→ **Problem description**
Which of the lines below include "inside"? Each one should be copied out.

→ **Records for processing**

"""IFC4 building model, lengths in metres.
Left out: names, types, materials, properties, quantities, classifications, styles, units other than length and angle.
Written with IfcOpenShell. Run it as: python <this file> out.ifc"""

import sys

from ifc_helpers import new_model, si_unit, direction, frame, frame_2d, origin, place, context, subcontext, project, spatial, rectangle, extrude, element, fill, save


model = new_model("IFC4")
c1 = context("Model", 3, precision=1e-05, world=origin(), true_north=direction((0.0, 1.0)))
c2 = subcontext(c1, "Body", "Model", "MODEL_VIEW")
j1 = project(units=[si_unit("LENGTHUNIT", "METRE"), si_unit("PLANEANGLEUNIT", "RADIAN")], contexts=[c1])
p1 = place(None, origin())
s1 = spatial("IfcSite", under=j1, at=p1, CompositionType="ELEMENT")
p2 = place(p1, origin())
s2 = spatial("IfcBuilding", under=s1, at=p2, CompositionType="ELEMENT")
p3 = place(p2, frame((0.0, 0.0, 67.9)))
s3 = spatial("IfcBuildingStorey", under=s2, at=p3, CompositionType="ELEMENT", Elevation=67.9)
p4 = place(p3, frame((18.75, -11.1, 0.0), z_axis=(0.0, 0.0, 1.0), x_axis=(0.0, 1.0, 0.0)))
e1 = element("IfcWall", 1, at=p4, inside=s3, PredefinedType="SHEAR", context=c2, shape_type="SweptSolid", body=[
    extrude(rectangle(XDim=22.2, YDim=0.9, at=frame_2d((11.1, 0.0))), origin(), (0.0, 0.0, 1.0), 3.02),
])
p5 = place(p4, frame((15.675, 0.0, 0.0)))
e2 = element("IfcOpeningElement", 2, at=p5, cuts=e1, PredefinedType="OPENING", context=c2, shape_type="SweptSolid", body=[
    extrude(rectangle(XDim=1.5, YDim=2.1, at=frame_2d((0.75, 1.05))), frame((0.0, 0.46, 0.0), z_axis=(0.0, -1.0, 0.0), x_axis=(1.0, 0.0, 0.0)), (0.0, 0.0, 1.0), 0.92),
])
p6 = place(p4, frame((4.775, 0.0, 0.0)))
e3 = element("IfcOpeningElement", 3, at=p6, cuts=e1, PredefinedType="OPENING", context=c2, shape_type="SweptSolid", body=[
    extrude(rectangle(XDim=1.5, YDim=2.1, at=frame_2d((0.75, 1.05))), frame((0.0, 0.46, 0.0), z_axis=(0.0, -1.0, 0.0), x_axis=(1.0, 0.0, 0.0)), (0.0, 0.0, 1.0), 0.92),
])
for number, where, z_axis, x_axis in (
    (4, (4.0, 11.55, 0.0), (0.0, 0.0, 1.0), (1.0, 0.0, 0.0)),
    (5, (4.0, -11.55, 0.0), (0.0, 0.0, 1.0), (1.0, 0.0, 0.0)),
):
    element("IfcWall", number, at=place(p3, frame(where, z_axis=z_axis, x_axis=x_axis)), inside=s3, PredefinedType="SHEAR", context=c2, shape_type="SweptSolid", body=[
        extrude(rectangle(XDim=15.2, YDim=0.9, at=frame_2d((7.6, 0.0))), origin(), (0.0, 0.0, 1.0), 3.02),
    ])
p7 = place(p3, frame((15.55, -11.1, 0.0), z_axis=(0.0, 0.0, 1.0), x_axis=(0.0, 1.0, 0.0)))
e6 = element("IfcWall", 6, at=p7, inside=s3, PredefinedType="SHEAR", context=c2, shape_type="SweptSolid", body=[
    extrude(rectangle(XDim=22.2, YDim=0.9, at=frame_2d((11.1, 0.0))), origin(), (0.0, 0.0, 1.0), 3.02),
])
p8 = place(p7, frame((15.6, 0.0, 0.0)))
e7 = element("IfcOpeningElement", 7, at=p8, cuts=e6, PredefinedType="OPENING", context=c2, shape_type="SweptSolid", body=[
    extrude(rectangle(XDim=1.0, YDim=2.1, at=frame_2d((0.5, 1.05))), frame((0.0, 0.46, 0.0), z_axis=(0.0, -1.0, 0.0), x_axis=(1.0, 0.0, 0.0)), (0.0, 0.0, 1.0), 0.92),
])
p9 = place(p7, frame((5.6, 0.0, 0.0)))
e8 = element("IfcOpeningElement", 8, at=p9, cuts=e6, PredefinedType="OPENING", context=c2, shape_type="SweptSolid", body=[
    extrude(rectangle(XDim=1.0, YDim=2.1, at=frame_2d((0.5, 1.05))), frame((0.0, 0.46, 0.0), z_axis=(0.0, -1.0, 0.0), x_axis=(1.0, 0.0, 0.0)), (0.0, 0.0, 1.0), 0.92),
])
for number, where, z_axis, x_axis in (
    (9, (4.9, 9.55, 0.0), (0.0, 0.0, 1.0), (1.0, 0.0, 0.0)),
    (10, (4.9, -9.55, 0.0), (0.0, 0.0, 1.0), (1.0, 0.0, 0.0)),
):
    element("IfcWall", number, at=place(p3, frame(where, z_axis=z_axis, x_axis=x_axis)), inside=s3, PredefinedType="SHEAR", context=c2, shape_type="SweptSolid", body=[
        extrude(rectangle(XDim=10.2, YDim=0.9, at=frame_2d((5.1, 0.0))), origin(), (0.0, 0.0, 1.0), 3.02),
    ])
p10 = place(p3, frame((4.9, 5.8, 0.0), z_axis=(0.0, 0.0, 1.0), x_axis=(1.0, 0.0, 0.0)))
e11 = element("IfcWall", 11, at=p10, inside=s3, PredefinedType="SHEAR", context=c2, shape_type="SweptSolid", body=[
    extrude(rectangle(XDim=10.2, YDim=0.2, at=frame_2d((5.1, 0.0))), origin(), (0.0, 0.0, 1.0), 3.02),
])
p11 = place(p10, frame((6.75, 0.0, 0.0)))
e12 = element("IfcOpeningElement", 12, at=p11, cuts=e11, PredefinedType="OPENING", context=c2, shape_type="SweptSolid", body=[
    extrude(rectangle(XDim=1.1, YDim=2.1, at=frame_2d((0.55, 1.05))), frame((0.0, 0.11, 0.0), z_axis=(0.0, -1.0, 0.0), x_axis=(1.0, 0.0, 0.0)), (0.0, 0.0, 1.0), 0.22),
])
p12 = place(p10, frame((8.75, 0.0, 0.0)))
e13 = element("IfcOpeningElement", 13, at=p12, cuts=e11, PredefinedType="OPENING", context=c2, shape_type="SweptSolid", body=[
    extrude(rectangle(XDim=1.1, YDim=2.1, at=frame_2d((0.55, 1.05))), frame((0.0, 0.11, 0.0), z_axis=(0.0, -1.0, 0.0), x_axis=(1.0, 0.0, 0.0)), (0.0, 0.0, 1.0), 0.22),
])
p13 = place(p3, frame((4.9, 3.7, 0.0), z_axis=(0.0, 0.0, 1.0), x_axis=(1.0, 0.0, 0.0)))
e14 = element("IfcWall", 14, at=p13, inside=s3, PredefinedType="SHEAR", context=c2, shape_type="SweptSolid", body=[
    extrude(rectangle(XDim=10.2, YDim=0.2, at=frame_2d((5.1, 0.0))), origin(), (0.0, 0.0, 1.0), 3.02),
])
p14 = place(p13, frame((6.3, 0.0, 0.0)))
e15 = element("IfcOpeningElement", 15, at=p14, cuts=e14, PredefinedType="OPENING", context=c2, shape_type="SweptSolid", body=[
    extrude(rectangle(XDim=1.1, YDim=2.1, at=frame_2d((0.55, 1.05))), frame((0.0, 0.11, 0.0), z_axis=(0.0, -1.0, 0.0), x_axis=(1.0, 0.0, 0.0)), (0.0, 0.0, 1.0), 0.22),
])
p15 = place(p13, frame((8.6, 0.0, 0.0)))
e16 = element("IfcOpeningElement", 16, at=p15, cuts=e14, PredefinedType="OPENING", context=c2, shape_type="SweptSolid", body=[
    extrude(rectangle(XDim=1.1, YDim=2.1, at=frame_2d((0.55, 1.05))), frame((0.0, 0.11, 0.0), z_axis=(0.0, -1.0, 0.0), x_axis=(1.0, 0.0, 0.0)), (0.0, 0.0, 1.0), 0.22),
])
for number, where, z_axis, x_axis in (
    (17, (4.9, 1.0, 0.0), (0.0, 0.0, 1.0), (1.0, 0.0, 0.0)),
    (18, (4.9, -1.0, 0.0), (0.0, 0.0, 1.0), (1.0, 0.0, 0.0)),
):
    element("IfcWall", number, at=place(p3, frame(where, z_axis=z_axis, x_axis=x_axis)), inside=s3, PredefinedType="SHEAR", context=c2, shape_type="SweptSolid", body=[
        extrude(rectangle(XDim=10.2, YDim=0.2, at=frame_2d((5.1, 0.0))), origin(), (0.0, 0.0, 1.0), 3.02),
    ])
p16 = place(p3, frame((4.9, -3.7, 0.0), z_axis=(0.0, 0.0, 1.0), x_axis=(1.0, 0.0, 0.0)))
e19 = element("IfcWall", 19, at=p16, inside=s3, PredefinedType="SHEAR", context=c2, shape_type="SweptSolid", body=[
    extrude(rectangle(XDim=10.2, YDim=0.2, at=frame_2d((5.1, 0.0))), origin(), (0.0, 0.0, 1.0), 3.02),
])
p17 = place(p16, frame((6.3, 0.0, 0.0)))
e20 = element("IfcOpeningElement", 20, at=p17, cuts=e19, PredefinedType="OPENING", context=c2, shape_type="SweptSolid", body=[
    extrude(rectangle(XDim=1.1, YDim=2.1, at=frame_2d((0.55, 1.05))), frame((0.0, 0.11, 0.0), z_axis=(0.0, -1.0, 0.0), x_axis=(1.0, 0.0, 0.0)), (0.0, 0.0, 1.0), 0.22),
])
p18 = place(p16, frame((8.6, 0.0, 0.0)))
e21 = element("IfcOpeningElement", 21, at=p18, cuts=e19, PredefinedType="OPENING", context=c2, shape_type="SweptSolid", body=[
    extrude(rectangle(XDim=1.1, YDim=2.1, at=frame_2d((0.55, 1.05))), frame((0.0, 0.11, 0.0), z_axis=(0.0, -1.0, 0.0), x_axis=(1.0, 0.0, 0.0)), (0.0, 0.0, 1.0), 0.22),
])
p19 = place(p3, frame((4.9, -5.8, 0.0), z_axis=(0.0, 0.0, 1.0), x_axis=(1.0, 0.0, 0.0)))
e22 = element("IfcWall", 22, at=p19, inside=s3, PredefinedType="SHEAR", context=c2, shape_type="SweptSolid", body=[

→ **Task solution**
e1 = element("IfcWall", 1, at=p4, inside=s3, PredefinedType="SHEAR", context=c2, shape_type="SweptSolid", body=[
    element("IfcWall", number, at=place(p3, frame(where, z_axis=z_axis, x_axis=x_axis)), inside=s3, PredefinedType="SHEAR", context=c2, shape_type="SweptSolid", body=[
e6 = element("IfcWall", 6, at=p7, inside=s3, PredefinedType="SHEAR", context=c2, shape_type="SweptSolid", body=[
    element("IfcWall", number, at=place(p3, frame(where, z_axis=z_axis, x_axis=x_axis)), inside=s3, PredefinedType="SHEAR", context=c2, shape_type="SweptSolid", body=[
e11 = element("IfcWall", 11, at=p10, inside=s3, PredefinedType="SHEAR", context=c2, shape_type="SweptSolid", body=[
e14 = element("IfcWall", 14, at=p13, inside=s3, PredefinedType="SHEAR", context=c2, shape_type="SweptSolid", body=[
    element("IfcWall", number, at=place(p3, frame(where, z_axis=z_axis, x_axis=x_axis)), inside=s3, PredefinedType="SHEAR", context=c2, shape_type="SweptSolid", body=[
e19 = element("IfcWall", 19, at=p16, inside=s3, PredefinedType="SHEAR", context=c2, shape_type="SweptSolid", body=[
e22 = element("IfcWall", 22, at=p19, inside=s3, PredefinedType="SHEAR", context=c2, shape_type="SweptSolid", body=[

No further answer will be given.